(SUPPLIED MATERIAL)
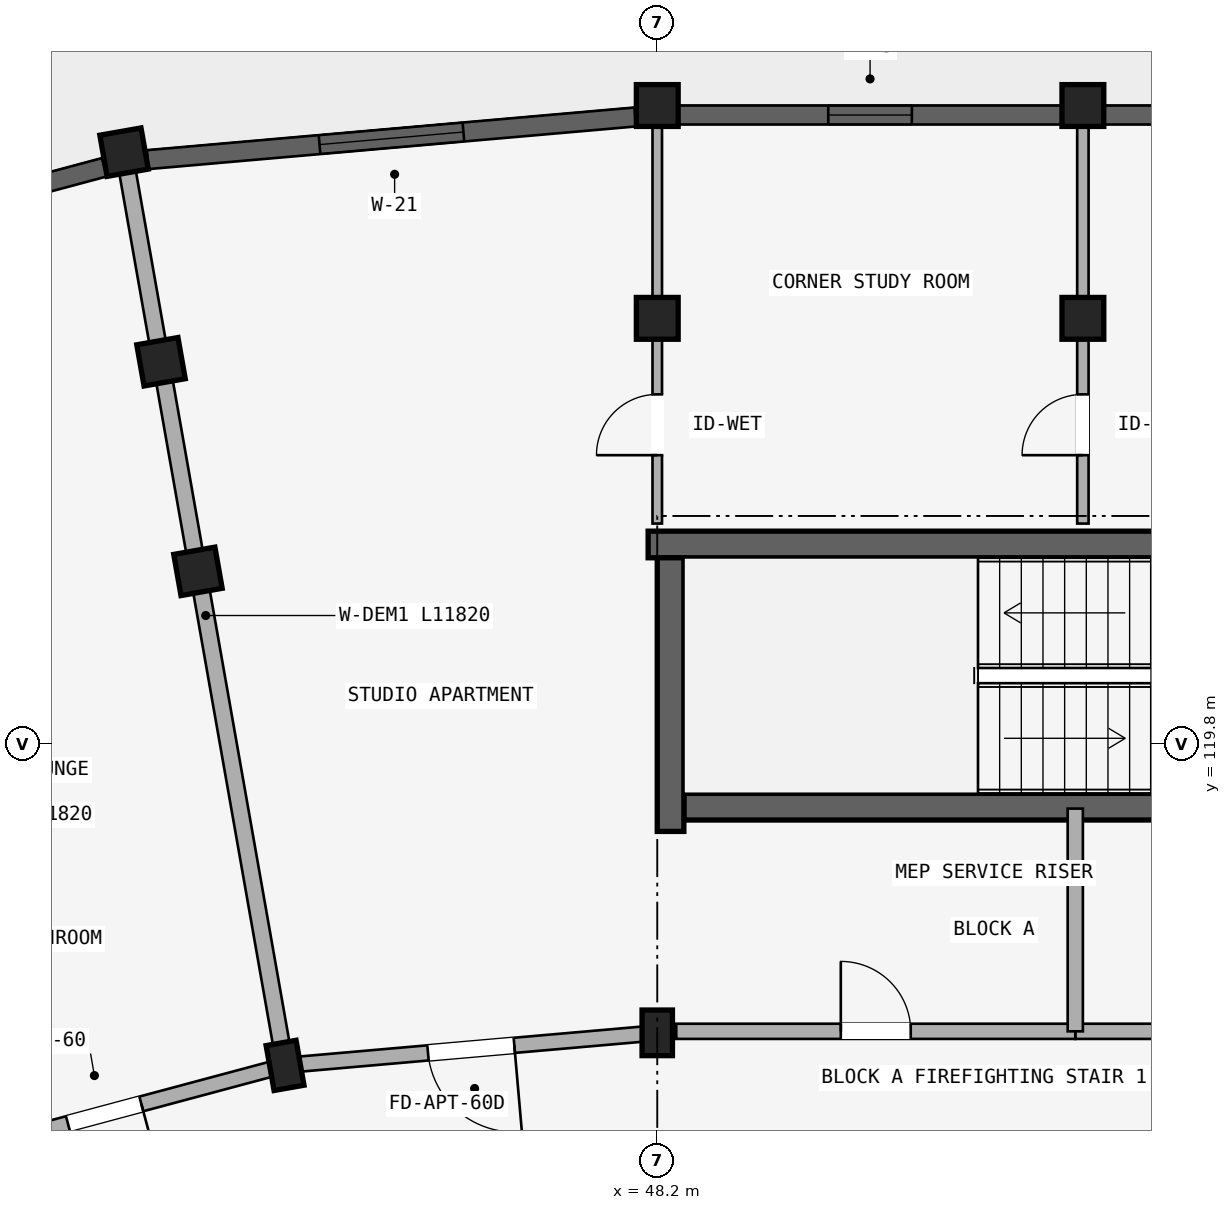
"""IFC4 building model, lengths in metres.
Left out: names, types, materials, properties, quantities, classifications, styles, units other than length and angle.
Written with IfcOpenShell. Run it as: python <this file> out.ifc"""

import sys

from ifc_helpers import new_model, si_unit, direction, frame, frame_2d, origin, origin_2d, place, context, subcontext, project, spatial, rectangle, extrude, element, fill, save


model = new_model("IFC4")
c1 = context("Model", 3, precision=1e-05, world=origin(), true_north=direction((0.0, 1.0)))
c2 = subcontext(c1, "Body", "Model", "MODEL_VIEW")
j1 = project(units=[si_unit("LENGTHUNIT", "METRE"), si_unit("PLANEANGLEUNIT", "RADIAN")], contexts=[c1])
p1 = place(None, origin())
s1 = spatial("IfcSite", under=j1, at=p1, CompositionType="ELEMENT")
p2 = place(p1, origin())
s2 = spatial("IfcBuilding", under=s1, at=p2, CompositionType="ELEMENT")
p3 = place(p2, frame((0.0, 0.0, 43.35)))
s3 = spatial("IfcBuildingStorey", under=s2, at=p3, CompositionType="ELEMENT", Elevation=43.35)
p4 = place(p3, frame((48.08, 122.425, 0.0), z_axis=(0.0, 0.0, 1.0), x_axis=(1.0, 0.0, 0.0)))
e1 = element("IfcWall", 1, at=p4, inside=s3, PredefinedType="SHEAR", context=c2, shape_type="SweptSolid", body=[
    extrude(rectangle(XDim=8.545, YDim=0.35, at=frame_2d((4.272, 0.0))), origin(), (0.0, 0.0, 1.0), 2.93),
])
p5 = place(p3, frame((48.55, 118.975, 0.0), z_axis=(0.0, 0.0, 1.0), x_axis=(1.0, 0.0, 0.0)))
e2 = element("IfcWall", 2, at=p5, inside=s3, PredefinedType="SHEAR", context=c2, shape_type="SweptSolid", body=[
    extrude(rectangle(XDim=8.075, YDim=0.35, at=frame_2d((4.038, 0.0))), origin(), (0.0, 0.0, 1.0), 2.93),
])
p6 = place(p5, frame((6.38, 0.0, 0.0)))
e3 = element("IfcOpeningElement", 3, at=p6, cuts=e2, PredefinedType="OPENING", context=c2, shape_type="SweptSolid", body=[
    extrude(rectangle(XDim=1.24, YDim=2.15, at=frame_2d((0.62, 1.075))), frame((0.0, 0.185, 0.0), z_axis=(0.0, -1.0, 0.0), x_axis=(1.0, 0.0, 0.0)), (0.0, 0.0, 1.0), 0.37),
])
p7 = place(p3, frame((48.375, 118.65, 0.0), z_axis=(0.0, 0.0, 1.0), x_axis=(0.0, 1.0, 0.0)))
e4 = element("IfcWall", 4, at=p7, inside=s3, PredefinedType="SHEAR", context=c2, shape_type="SweptSolid", body=[
    extrude(rectangle(XDim=3.6, YDim=0.35, at=frame_2d((1.8, 0.0))), origin(), (0.0, 0.0, 1.0), 2.93),
])
p8 = place(p3, frame((48.2, 116.0, 0.0), z_axis=(0.0, 0.0, 1.0), x_axis=(1.0, 0.0, 0.0)))
e5 = element("IfcColumn", 5, at=p8, inside=s3, PredefinedType="COLUMN", context=c2, shape_type="SweptSolid", body=[
    extrude(rectangle(XDim=0.4, YDim=0.6, at=origin_2d()), origin(), (0.0, 0.0, 1.0), 2.93),
])
p9 = place(p3, frame((48.2, 125.4, 0.0), z_axis=(0.0, 0.0, 1.0), x_axis=(1.0, 0.0, 0.0)))
e6 = element("IfcColumn", 6, at=p9, inside=s3, PredefinedType="COLUMN", context=c2, shape_type="SweptSolid", body=[
    extrude(rectangle(XDim=0.55, YDim=0.55, at=origin_2d()), origin(), (0.0, 0.0, 1.0), 2.93),
])
p10 = place(p3, frame((48.2, 128.2, 0.0), z_axis=(0.0, 0.0, 1.0), x_axis=(1.0, 0.0, 0.0)))
e7 = element("IfcColumn", 7, at=p10, inside=s3, PredefinedType="COLUMN", context=c2, shape_type="SweptSolid", body=[
    extrude(rectangle(XDim=0.55, YDim=0.55, at=origin_2d()), origin(), (0.0, 0.0, 1.0), 2.97),
])
p11 = place(p3, frame((43.303, 115.572, 0.0), z_axis=(0.0, 0.0, 1.0), x_axis=(0.984807753012, 0.173648177667, 0.0)))
e8 = element("IfcColumn", 8, at=p11, inside=s3, PredefinedType="COLUMN", context=c2, shape_type="SweptSolid", body=[
    extrude(rectangle(XDim=0.4, YDim=0.6, at=origin_2d()), origin(), (0.0, 0.0, 1.0), 2.93),
])
for number, where, z_axis, x_axis in (
    (9, (42.157, 122.071, 0.0), (0.0, 0.0, 1.0), (0.985, 0.174, 0.0)),
    (10, (41.671, 124.829, 0.0), (0.0, 0.0, 1.0), (0.985, 0.174, 0.0)),
):
    element("IfcColumn", number, at=place(p3, frame(where, z_axis=z_axis, x_axis=x_axis)), inside=s3, PredefinedType="COLUMN", context=c2, shape_type="SweptSolid", body=[
        extrude(rectangle(XDim=0.55, YDim=0.55, at=origin_2d()), origin(), (0.0, 0.0, 1.0), 2.93),
    ])
p12 = place(p3, frame((41.185, 127.586, 0.0), z_axis=(0.0, 0.0, 1.0), x_axis=(0.984807753012, 0.173648177667, 0.0)))
e11 = element("IfcColumn", 11, at=p12, inside=s3, PredefinedType="COLUMN", context=c2, shape_type="SweptSolid", body=[
    extrude(rectangle(XDim=0.55, YDim=0.55, at=origin_2d()), origin(), (0.0, 0.0, 1.0), 2.97),
])
p13 = place(p3, frame((53.8, 125.4, 0.0), z_axis=(0.0, 0.0, 1.0), x_axis=(1.0, 0.0, 0.0)))
e12 = element("IfcColumn", 12, at=p13, inside=s3, PredefinedType="COLUMN", context=c2, shape_type="SweptSolid", body=[
    extrude(rectangle(XDim=0.55, YDim=0.55, at=origin_2d()), origin(), (0.0, 0.0, 1.0), 2.93),
])
p14 = place(p3, frame((53.8, 128.2, 0.0), z_axis=(0.0, 0.0, 1.0), x_axis=(1.0, 0.0, 0.0)))
e13 = element("IfcColumn", 13, at=p14, inside=s3, PredefinedType="COLUMN", context=c2, shape_type="SweptSolid", body=[
    extrude(rectangle(XDim=0.55, YDim=0.55, at=origin_2d()), origin(), (0.0, 0.0, 1.0), 2.97),
])
p15 = place(p3, frame((53.7, 116.02, 0.0), z_axis=(0.0, 0.0, 1.0), x_axis=(1.0, 0.0, 0.0)))
e14 = element("IfcWall", 14, at=p15, inside=s3, PredefinedType="STANDARD", context=c2, shape_type="SweptSolid", body=[
    extrude(rectangle(XDim=5.65, YDim=0.2, at=frame_2d((2.825, 0.0))), origin(), (0.0, 0.0, 1.0), 2.372),
])
p16 = place(p15, frame((1.923, 0.0, 0.0)))
e15 = element("IfcOpeningElement", 15, at=p16, cuts=e14, PredefinedType="OPENING", context=c2, shape_type="SweptSolid", body=[
    extrude(rectangle(XDim=1.24, YDim=2.15, at=frame_2d((0.62, 1.075))), frame((0.0, 0.11, 0.0), z_axis=(0.0, -1.0, 0.0), x_axis=(1.0, 0.0, 0.0)), (0.0, 0.0, 1.0), 0.22),
])
p17 = place(p3, frame((48.45, 116.02, 0.0), z_axis=(0.0, 0.0, 1.0), x_axis=(1.0, 0.0, 0.0)))
e16 = element("IfcWall", 16, at=p17, inside=s3, PredefinedType="STANDARD", context=c2, shape_type="SweptSolid", body=[
    extrude(rectangle(XDim=5.25, YDim=0.2, at=frame_2d((2.625, 0.0))), origin(), (0.0, 0.0, 1.0), 2.372),
])
p18 = place(p17, frame((2.165, 0.0, 0.0)))
e17 = element("IfcOpeningElement", 17, at=p18, cuts=e16, PredefinedType="OPENING", context=c2, shape_type="SweptSolid", body=[
    extrude(rectangle(XDim=0.92, YDim=2.1, at=frame_2d((0.46, 1.05))), frame((0.0, 0.11, 0.0), z_axis=(0.0, -1.0, 0.0), x_axis=(1.0, 0.0, 0.0)), (0.0, 0.0, 1.0), 0.22),
])
p19 = place(p3, frame((53.7, 116.02, 0.0), z_axis=(0.0, 0.0, 1.0), x_axis=(0.0, 1.0, 0.0)))
e18 = element("IfcWall", 18, at=p19, inside=s3, PredefinedType="STANDARD", context=c2, shape_type="SweptSolid", body=[
    extrude(rectangle(XDim=2.93, YDim=0.2, at=frame_2d((1.465, 0.0))), origin(), (0.0, 0.0, 1.0), 2.372),
])
p20 = place(p3, frame((53.8, 122.7, 0.0), z_axis=(0.0, 0.0, 1.0), x_axis=(0.0, 1.0, 0.0)))
e19 = element("IfcWall", 19, at=p20, inside=s3, PredefinedType="PARTITIONING", context=c2, shape_type="SweptSolid", body=[
    extrude(rectangle(XDim=5.22, YDim=0.15, at=frame_2d((2.61, 0.0))), origin(), (0.0, 0.0, 1.0), 2.372),
])
p21 = place(p20, frame((0.9, 0.0, 0.0)))
e20 = element("IfcOpeningElement", 20, at=p21, cuts=e19, PredefinedType="OPENING", context=c2, shape_type="SweptSolid", body=[
    extrude(rectangle(XDim=0.8, YDim=2.1, at=frame_2d((0.4, 1.05))), frame((0.0, 0.085, 0.0), z_axis=(0.0, -1.0, 0.0), x_axis=(1.0, 0.0, 0.0)), (0.0, 0.0, 1.0), 0.17),
])
p22 = place(p3, frame((48.2, 116.0, 0.0), z_axis=(0.0, 0.0, 1.0), x_axis=(-0.996193663584, -0.087167566415, 0.0)))
e21 = element("IfcWall", 21, at=p22, inside=s3, PredefinedType="STANDARD", context=c2, shape_type="SweptSolid", body=[
    extrude(rectangle(XDim=4.916, YDim=0.2, at=frame_2d((2.458, 0.0))), origin(), (0.0, 0.0, 1.0), 2.372),
])
p23 = place(p22, frame((1.888, 0.0, 0.0)))
e22 = element("IfcOpeningElement", 22, at=p23, cuts=e21, PredefinedType="OPENING", context=c2, shape_type="SweptSolid", body=[
    extrude(rectangle(XDim=1.14, YDim=2.15, at=frame_2d((0.57, 1.075))), frame((0.0, 0.11, 0.0), z_axis=(0.0, -1.0, 0.0), x_axis=(1.0, 0.0, 0.0)), (0.0, 0.0, 1.0), 0.22),
])
p24 = place(p3, frame((43.303, 115.572, 0.0), z_axis=(0.0, 0.0, 1.0), x_axis=(-0.965930095386, -0.258803112091, 0.0)))
e23 = element("IfcWall", 23, at=p24, inside=s3, PredefinedType="STANDARD", context=c2, shape_type="SweptSolid", body=[
    extrude(rectangle(XDim=4.916, YDim=0.2, at=frame_2d((2.458, 0.0))), origin(), (0.0, 0.0, 1.0), 2.372),
])
p25 = place(p24, frame((1.958, 0.0, 0.0)))
e24 = element("IfcOpeningElement", 24, at=p25, cuts=e23, PredefinedType="OPENING", context=c2, shape_type="SweptSolid", body=[
    extrude(rectangle(XDim=1.0, YDim=2.15, at=frame_2d((0.5, 1.075))), frame((0.0, 0.11, 0.0), z_axis=(0.0, -1.0, 0.0), x_axis=(1.0, 0.0, 0.0)), (0.0, 0.0, 1.0), 0.22),
])
p26 = place(p3, frame((48.2, 122.7, 0.0), z_axis=(0.0, 0.0, 1.0), x_axis=(0.0, 1.0, 0.0)))
e25 = element("IfcWall", 25, at=p26, inside=s3, PredefinedType="PARTITIONING", context=c2, shape_type="SweptSolid", body=[
    extrude(rectangle(XDim=5.22, YDim=0.125, at=frame_2d((2.61, 0.0))), origin(), (0.0, 0.0, 1.0), 2.372),
])
p27 = place(p26, frame((0.9, 0.0, 0.0)))
e26 = element("IfcOpeningElement", 26, at=p27, cuts=e25, PredefinedType="OPENING", context=c2, shape_type="SweptSolid", body=[
    extrude(rectangle(XDim=0.8, YDim=2.1, at=frame_2d((0.4, 1.05))), frame((0.0, 0.073, 0.0), z_axis=(0.0, -1.0, 0.0), x_axis=(1.0, 0.0, 0.0)), (0.0, 0.0, 1.0), 0.145),
])
p28 = place(p3, frame((43.286, 115.67, 0.0), z_axis=(0.0, 0.0, 1.0), x_axis=(-0.173646292378, 0.984808085438, 0.0)))
e27 = element("IfcWall", 27, at=p28, inside=s3, PredefinedType="STANDARD", context=c2, shape_type="SweptSolid", body=[
    extrude(rectangle(XDim=11.82, YDim=0.22, at=frame_2d((5.91, 0.0))), origin(), (0.0, 0.0, 1.0), 2.372),
])
p29 = place(p3, frame((47.911, 128.049, 0.0), z_axis=(0.0, 0.0, 1.0), x_axis=(-0.996192647716, -0.087179175472, 0.0)))
e28 = element("IfcWall", 28, at=p29, inside=s3, PredefinedType="STANDARD", context=c2, shape_type="SweptSolid", body=[
    extrude(rectangle(XDim=6.441, YDim=0.25, at=frame_2d((3.22, 0.0))), origin(), (0.0, 0.0, 1.0), 2.412),
])
p30 = place(p29, frame((2.271, 0.0, 0.462)))
e29 = element("IfcOpeningElement", 29, at=p30, cuts=e28, PredefinedType="OPENING", context=c2, shape_type="SweptSolid", body=[
    extrude(rectangle(XDim=1.9, YDim=1.75, at=frame_2d((0.95, 0.875))), frame((0.0, 0.135, 0.0), z_axis=(0.0, -1.0, 0.0), x_axis=(1.0, 0.0, 0.0)), (0.0, 0.0, 1.0), 0.27),
])
p31 = place(p3, frame((40.927, 127.388, 0.0), z_axis=(0.0, 0.0, 1.0), x_axis=(-0.965929779688, -0.258804290367, 0.0)))
e30 = element("IfcWall", 30, at=p31, inside=s3, PredefinedType="STANDARD", context=c2, shape_type="SweptSolid", body=[
    extrude(rectangle(XDim=6.441, YDim=0.25, at=frame_2d((3.221, 0.0))), origin(), (0.0, 0.0, 1.0), 2.412),
])
p32 = place(p31, frame((4.155, 0.0, 0.562)))
e31 = element("IfcOpeningElement", 31, at=p32, cuts=e30, PredefinedType="OPENING", context=c2, shape_type="SweptSolid", body=[
    extrude(rectangle(XDim=1.2, YDim=1.5, at=frame_2d((0.6, 0.75))), frame((0.0, 0.135, 0.0), z_axis=(0.0, -1.0, 0.0), x_axis=(1.0, 0.0, 0.0)), (0.0, 0.0, 1.0), 0.27),
])
p33 = place(p31, frame((1.594, 0.0, 0.0)))
e32 = element("IfcOpeningElement", 32, at=p33, cuts=e30, PredefinedType="OPENING", context=c2, shape_type="SweptSolid", body=[
    extrude(rectangle(XDim=1.32, YDim=2.15, at=frame_2d((0.66, 1.075))), frame((0.0, 0.135, 0.0), z_axis=(0.0, -1.0, 0.0), x_axis=(1.0, 0.0, 0.0)), (0.0, 0.0, 1.0), 0.27),
])
p34 = place(p3, frame((48.479, 128.075, 0.0), z_axis=(0.0, 0.0, 1.0), x_axis=(1.0, 0.0, 0.0)))
e33 = element("IfcWall", 33, at=p34, inside=s3, PredefinedType="STANDARD", context=c2, shape_type="SweptSolid", body=[
    extrude(rectangle(XDim=5.043, YDim=0.25, at=frame_2d((2.521, 0.0))), origin(), (0.0, 0.0, 1.0), 2.48),
])
p35 = place(p34, frame((1.971, 0.0, 0.83)))
e34 = element("IfcOpeningElement", 34, at=p35, cuts=e33, PredefinedType="OPENING", context=c2, shape_type="SweptSolid", body=[
    extrude(rectangle(XDim=1.1, YDim=1.45, at=frame_2d((0.55, 0.725))), frame((0.0, 0.135, 0.0), z_axis=(0.0, -1.0, 0.0), x_axis=(1.0, 0.0, 0.0)), (0.0, 0.0, 1.0), 0.27),
])
p36 = place(p3, frame((54.079, 128.075, 0.0), z_axis=(0.0, 0.0, 1.0), x_axis=(1.0, 0.0, 0.0)))
e35 = element("IfcWall", 35, at=p36, inside=s3, PredefinedType="STANDARD", context=c2, shape_type="SweptSolid", body=[
    extrude(rectangle(XDim=5.043, YDim=0.25, at=frame_2d((2.521, 0.0))), origin(), (0.0, 0.0, 1.0), 2.48),
])
p37 = place(p36, frame((2.046, 0.0, 0.88)))
e36 = element("IfcOpeningElement", 36, at=p37, cuts=e35, PredefinedType="OPENING", context=c2, shape_type="SweptSolid", body=[
    extrude(rectangle(XDim=0.95, YDim=1.35, at=frame_2d((0.475, 0.675))), frame((0.0, 0.135, 0.0), z_axis=(0.0, -1.0, 0.0), x_axis=(1.0, 0.0, 0.0)), (0.0, 0.0, 1.0), 0.27),
])
p38 = place(p30, origin())
e37 = element("IfcWindow", 37, at=p38, inside=s3, PartitioningType="DOUBLE_PANEL_VERTICAL", PredefinedType="WINDOW", context=c2, shape_type="SweptSolid", body=[
    extrude(rectangle(XDim=1.9, YDim=1.75, at=frame_2d((0.95, 0.875))), frame((0.0, 0.03, 0.0), z_axis=(0.0, -1.0, 0.0), x_axis=(1.0, 0.0, 0.0)), (0.0, 0.0, 1.0), 0.06),
])
fill(e29, e37)
p39 = place(p35, origin())
e38 = element("IfcWindow", 38, at=p39, inside=s3, PartitioningType="SINGLE_PANEL", PredefinedType="WINDOW", context=c2, shape_type="SweptSolid", body=[
    extrude(rectangle(XDim=1.1, YDim=1.45, at=frame_2d((0.55, 0.725))), frame((0.0, 0.03, 0.0), z_axis=(0.0, -1.0, 0.0), x_axis=(1.0, 0.0, 0.0)), (0.0, 0.0, 1.0), 0.06),
])
fill(e34, e38)
p40 = place(p18, origin())
e39 = element("IfcDoor", 39, at=p40, inside=s3, OperationType="SINGLE_SWING_LEFT", PredefinedType="DOOR", context=c2, shape_type="SweptSolid", body=[
    extrude(rectangle(XDim=0.92, YDim=2.1, at=frame_2d((0.46, 1.05))), frame((0.0, 0.025, 0.0), z_axis=(0.0, -1.0, 0.0), x_axis=(1.0, 0.0, 0.0)), (0.0, 0.0, 1.0), 0.05),
])
fill(e17, e39)
p41 = place(p21, origin())
e40 = element("IfcDoor", 40, at=p41, inside=s3, OperationType="SINGLE_SWING_LEFT", PredefinedType="DOOR", context=c2, shape_type="SweptSolid", body=[
    extrude(rectangle(XDim=0.8, YDim=2.1, at=frame_2d((0.4, 1.05))), frame((0.0, 0.025, 0.0), z_axis=(0.0, -1.0, 0.0), x_axis=(1.0, 0.0, 0.0)), (0.0, 0.0, 1.0), 0.05),
])
fill(e20, e40)
p42 = place(p27, origin())
e41 = element("IfcDoor", 41, at=p42, inside=s3, OperationType="SINGLE_SWING_LEFT", PredefinedType="DOOR", context=c2, shape_type="SweptSolid", body=[
    extrude(rectangle(XDim=0.8, YDim=2.1, at=frame_2d((0.4, 1.05))), frame((0.0, 0.025, 0.0), z_axis=(0.0, -1.0, 0.0), x_axis=(1.0, 0.0, 0.0)), (0.0, 0.0, 1.0), 0.05),
])
fill(e26, e41)
p43 = place(p23, frame((1.14, 0.0, 0.0), z_axis=(0.0, 0.0, 1.0), x_axis=(-1.0, 0.0, 0.0)))
e42 = element("IfcDoor", 42, at=p43, inside=s3, OperationType="SINGLE_SWING_RIGHT", PredefinedType="DOOR", context=c2, shape_type="SweptSolid", body=[
    extrude(rectangle(XDim=1.14, YDim=2.15, at=frame_2d((0.57, 1.075))), frame((0.0, 0.025, 0.0), z_axis=(0.0, -1.0, 0.0), x_axis=(1.0, 0.0, 0.0)), (0.0, 0.0, 1.0), 0.05),
])
fill(e22, e42)
p44 = place(p25, origin())
e43 = element("IfcDoor", 43, at=p44, inside=s3, OperationType="SINGLE_SWING_LEFT", PredefinedType="DOOR", context=c2, shape_type="SweptSolid", body=[
    extrude(rectangle(XDim=1.0, YDim=2.15, at=frame_2d((0.5, 1.075))), frame((0.0, 0.025, 0.0), z_axis=(0.0, -1.0, 0.0), x_axis=(1.0, 0.0, 0.0)), (0.0, 0.0, 1.0), 0.05),
])
fill(e24, e43)
save(model, sys.argv[1])

(TASK)
Copy exactly the lines running from the beginning of the listing through the line that has "p3 = place(p2, frame((0.0, 0.0, 43.35)))". Drop the pictures.

(ANSWER TO THE EXERCISE)
"""IFC4 building model, lengths in metres.
Left out: names, types, materials, properties, quantities, classifications, styles, units other than length and angle.
Written with IfcOpenShell. Run it as: python <this file> out.ifc"""

import sys

from ifc_helpers import new_model, si_unit, direction, frame, frame_2d, origin, origin_2d, place, context, subcontext, project, spatial, rectangle, extrude, element, fill, save


model = new_model("IFC4")
c1 = context("Model", 3, precision=1e-05, world=origin(), true_north=direction((0.0, 1.0)))
c2 = subcontext(c1, "Body", "Model", "MODEL_VIEW")
j1 = project(units=[si_unit("LENGTHUNIT", "METRE"), si_unit("PLANEANGLEUNIT", "RADIAN")], contexts=[c1])
p1 = place(None, origin())
s1 = spatial("IfcSite", under=j1, at=p1, CompositionType="ELEMENT")
p2 = place(p1, origin())
s2 = spatial("IfcBuilding", under=s1, at=p2, CompositionType="ELEMENT")
p3 = place(p2, frame((0.0, 0.0, 43.35)))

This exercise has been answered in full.